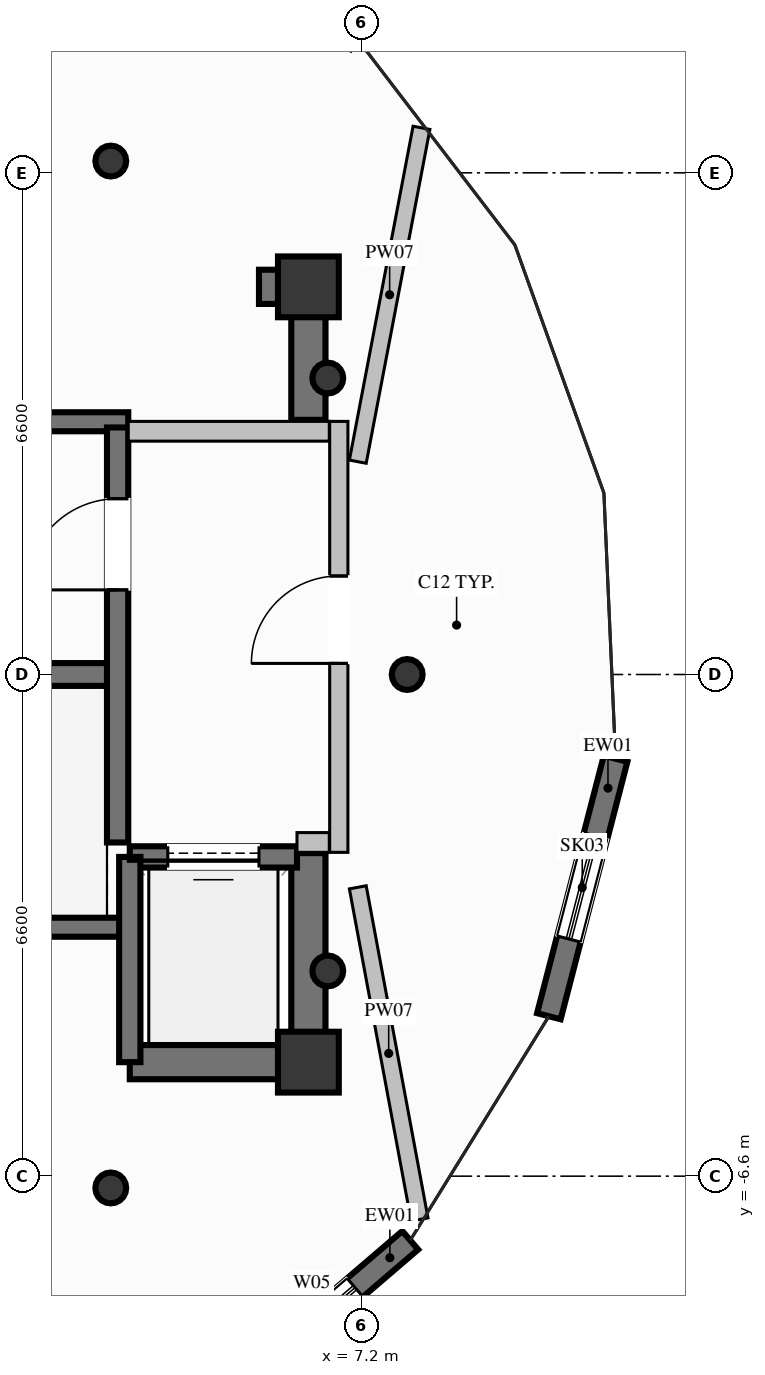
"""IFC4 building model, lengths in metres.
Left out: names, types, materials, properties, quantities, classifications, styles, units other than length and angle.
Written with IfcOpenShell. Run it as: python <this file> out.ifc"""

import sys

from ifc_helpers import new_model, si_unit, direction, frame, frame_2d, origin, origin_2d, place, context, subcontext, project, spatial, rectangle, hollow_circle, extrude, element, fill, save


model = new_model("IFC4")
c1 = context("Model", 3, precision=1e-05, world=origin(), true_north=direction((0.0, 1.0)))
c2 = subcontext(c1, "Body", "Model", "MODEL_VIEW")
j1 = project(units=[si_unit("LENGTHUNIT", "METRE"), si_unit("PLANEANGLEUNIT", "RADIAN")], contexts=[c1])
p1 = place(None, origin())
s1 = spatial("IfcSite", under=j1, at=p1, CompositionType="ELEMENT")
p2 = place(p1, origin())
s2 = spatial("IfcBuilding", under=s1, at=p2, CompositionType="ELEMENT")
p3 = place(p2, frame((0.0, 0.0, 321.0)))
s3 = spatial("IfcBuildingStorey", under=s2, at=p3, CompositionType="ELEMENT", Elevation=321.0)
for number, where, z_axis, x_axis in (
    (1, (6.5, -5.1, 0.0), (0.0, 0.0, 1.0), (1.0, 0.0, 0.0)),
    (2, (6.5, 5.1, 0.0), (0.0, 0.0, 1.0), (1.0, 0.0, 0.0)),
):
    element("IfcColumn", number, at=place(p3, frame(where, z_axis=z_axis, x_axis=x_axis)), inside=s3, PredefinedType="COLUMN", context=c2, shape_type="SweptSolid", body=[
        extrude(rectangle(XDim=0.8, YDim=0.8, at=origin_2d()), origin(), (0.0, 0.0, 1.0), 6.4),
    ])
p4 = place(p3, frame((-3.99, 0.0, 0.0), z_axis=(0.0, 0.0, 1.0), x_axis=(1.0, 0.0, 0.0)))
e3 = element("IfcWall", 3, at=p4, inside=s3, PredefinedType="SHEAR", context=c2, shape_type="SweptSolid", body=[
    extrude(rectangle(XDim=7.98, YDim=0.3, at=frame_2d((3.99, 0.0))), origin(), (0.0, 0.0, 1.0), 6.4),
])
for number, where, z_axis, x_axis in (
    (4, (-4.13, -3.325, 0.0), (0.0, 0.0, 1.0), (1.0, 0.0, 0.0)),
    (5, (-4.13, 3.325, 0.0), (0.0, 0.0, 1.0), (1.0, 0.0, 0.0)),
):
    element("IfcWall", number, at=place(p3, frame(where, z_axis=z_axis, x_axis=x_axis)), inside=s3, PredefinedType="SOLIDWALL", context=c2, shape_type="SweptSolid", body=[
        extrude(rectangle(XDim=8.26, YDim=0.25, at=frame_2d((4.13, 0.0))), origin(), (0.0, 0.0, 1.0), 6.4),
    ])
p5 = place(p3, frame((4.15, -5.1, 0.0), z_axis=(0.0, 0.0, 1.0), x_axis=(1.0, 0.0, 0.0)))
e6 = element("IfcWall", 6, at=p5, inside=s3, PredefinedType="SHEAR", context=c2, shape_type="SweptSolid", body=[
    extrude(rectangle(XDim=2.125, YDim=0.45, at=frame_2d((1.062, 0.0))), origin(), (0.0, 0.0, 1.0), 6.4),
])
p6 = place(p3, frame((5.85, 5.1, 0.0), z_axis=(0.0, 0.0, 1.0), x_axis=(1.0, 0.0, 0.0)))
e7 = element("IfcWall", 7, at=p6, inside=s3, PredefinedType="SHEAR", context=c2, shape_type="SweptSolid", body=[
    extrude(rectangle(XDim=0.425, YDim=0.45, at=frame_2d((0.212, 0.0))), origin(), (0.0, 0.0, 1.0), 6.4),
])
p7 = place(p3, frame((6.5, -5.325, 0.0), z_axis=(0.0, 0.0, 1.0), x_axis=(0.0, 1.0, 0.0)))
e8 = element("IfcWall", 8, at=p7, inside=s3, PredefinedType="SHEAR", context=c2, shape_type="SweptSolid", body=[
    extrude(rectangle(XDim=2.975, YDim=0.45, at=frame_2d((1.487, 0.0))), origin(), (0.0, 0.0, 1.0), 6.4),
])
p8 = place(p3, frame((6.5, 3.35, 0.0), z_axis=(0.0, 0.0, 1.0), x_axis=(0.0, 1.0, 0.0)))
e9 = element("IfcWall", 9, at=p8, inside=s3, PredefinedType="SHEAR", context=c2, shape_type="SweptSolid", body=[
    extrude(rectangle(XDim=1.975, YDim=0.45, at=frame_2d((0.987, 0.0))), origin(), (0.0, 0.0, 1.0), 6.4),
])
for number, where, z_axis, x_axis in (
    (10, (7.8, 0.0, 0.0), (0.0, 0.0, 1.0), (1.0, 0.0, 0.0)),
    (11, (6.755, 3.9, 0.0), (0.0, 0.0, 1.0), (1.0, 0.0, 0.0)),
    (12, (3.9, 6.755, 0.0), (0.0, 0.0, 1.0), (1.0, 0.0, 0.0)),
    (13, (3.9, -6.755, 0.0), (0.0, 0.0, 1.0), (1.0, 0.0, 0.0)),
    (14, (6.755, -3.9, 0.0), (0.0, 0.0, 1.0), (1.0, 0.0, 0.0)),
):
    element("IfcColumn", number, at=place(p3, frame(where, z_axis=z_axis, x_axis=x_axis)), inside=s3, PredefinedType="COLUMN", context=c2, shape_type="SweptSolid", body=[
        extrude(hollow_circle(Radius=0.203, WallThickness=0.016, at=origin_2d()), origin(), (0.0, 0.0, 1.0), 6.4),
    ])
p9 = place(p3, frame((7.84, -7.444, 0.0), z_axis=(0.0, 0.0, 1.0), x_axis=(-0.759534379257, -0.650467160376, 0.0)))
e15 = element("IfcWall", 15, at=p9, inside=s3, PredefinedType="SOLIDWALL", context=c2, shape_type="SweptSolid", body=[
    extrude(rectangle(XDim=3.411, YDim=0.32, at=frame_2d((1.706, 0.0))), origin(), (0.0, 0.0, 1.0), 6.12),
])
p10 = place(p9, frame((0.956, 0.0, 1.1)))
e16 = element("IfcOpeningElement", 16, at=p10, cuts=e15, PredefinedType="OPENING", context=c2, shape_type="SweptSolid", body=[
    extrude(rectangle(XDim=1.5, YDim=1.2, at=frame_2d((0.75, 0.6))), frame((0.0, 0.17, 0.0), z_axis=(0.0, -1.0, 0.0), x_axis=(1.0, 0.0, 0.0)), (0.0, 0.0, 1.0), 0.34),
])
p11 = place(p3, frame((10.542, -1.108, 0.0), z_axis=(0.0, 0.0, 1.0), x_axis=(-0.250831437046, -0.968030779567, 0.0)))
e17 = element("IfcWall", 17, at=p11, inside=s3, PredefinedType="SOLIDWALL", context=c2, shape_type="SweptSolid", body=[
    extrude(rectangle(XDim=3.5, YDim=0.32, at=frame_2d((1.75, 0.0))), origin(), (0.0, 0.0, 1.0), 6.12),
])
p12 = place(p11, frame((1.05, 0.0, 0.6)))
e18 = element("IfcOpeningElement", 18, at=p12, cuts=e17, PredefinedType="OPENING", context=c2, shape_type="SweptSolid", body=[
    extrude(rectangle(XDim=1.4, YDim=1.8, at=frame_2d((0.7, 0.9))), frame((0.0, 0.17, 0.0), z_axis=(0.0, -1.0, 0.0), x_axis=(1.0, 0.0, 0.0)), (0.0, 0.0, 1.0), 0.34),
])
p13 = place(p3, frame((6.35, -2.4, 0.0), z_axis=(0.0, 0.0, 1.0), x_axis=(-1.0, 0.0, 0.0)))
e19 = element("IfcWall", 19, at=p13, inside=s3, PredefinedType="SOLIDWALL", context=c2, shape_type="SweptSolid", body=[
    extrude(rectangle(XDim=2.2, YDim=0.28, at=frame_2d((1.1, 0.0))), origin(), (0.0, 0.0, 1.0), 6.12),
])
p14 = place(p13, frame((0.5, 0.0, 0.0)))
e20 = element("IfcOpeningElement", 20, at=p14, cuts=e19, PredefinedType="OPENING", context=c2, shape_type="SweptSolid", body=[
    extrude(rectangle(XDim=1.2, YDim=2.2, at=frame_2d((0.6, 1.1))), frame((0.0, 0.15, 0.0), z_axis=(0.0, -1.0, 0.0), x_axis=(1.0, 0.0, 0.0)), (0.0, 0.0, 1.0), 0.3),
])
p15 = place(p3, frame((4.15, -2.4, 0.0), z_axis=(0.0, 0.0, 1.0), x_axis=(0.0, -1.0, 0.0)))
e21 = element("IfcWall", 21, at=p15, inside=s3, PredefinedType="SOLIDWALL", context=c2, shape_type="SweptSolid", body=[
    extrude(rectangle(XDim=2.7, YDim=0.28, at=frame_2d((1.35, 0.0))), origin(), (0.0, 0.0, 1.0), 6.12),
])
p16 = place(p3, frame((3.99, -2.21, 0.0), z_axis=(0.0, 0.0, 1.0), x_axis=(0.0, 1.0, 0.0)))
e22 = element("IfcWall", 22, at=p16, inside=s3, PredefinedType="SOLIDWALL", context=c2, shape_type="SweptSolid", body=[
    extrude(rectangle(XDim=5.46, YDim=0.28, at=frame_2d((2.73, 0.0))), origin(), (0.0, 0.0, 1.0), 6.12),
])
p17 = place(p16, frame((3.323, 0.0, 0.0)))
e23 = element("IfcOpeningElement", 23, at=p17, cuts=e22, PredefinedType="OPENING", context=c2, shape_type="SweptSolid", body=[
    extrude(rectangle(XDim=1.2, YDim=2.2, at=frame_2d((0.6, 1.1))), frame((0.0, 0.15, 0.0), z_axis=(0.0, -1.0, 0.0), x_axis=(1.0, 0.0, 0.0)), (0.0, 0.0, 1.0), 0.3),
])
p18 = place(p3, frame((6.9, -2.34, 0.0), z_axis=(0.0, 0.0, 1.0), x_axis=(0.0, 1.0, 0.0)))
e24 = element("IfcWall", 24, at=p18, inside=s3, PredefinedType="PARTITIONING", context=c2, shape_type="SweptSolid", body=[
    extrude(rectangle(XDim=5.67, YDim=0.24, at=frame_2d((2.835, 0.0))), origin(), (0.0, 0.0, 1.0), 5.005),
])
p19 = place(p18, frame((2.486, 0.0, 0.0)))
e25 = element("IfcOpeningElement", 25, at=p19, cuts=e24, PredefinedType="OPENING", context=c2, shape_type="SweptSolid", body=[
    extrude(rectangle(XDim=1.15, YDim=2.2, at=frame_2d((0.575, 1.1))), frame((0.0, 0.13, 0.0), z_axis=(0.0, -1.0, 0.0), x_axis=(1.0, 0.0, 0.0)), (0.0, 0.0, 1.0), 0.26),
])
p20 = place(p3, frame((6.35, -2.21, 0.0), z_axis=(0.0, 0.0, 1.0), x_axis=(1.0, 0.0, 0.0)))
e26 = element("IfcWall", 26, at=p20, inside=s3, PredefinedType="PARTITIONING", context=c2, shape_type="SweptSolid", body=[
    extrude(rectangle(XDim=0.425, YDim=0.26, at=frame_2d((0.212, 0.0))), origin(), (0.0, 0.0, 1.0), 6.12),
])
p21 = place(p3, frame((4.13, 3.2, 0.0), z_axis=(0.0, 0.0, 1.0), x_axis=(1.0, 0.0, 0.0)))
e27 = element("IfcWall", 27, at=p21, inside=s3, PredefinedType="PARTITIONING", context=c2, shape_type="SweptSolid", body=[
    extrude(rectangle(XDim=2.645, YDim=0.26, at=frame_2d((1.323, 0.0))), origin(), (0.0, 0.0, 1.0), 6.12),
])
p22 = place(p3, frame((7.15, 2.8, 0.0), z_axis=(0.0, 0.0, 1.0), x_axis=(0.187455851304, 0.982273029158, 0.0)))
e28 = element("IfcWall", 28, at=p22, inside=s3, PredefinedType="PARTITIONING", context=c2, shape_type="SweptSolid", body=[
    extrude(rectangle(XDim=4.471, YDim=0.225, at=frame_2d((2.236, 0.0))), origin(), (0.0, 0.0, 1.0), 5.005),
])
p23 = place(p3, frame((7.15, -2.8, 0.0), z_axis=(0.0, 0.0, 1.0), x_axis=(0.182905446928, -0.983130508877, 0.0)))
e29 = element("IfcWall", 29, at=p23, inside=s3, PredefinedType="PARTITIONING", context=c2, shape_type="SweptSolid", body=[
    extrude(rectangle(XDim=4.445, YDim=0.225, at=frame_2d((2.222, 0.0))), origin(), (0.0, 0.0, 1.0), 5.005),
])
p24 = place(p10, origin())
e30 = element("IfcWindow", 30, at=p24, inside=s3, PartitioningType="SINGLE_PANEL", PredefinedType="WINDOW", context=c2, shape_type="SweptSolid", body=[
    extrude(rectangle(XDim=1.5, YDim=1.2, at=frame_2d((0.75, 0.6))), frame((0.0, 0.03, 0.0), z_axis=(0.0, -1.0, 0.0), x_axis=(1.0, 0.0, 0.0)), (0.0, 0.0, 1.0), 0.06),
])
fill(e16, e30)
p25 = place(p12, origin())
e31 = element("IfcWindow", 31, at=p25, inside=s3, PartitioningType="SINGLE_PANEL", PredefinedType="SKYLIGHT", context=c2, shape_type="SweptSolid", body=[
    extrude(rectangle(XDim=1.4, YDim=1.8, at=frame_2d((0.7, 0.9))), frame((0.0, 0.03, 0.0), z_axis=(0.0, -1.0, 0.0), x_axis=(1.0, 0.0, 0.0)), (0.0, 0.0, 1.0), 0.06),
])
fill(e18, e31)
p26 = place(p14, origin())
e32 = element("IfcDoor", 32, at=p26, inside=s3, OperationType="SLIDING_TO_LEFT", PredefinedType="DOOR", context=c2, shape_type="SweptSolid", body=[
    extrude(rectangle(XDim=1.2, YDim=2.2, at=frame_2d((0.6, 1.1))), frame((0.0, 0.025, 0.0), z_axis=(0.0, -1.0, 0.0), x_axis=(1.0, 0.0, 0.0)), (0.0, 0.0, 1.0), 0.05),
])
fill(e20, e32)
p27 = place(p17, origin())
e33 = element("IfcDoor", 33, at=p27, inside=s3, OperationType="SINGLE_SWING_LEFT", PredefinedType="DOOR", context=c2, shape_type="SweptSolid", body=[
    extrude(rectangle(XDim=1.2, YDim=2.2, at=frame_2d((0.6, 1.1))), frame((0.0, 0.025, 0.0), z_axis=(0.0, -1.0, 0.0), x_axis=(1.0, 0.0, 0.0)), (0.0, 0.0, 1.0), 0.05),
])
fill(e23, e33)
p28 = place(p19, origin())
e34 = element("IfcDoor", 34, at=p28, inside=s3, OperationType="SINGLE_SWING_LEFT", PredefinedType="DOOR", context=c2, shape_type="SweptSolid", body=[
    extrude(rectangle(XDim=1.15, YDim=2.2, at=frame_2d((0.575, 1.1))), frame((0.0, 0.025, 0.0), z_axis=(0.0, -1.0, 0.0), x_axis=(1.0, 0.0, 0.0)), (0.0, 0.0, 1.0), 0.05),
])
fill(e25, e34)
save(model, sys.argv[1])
..........
> **DESCRIPTION OF THE TASK**: The answer must be every line of the entries that includes the word "direction".

> **RESPONSE AREA**:
from ifc_helpers import new_model, si_unit, direction, frame, frame_2d, origin, origin_2d, place, context, subcontext, project, spatial, rectangle, hollow_circle, extrude, element, fill, save
c1 = context("Model", 3, precision=1e-05, world=origin(), true_north=direction((0.0, 1.0)))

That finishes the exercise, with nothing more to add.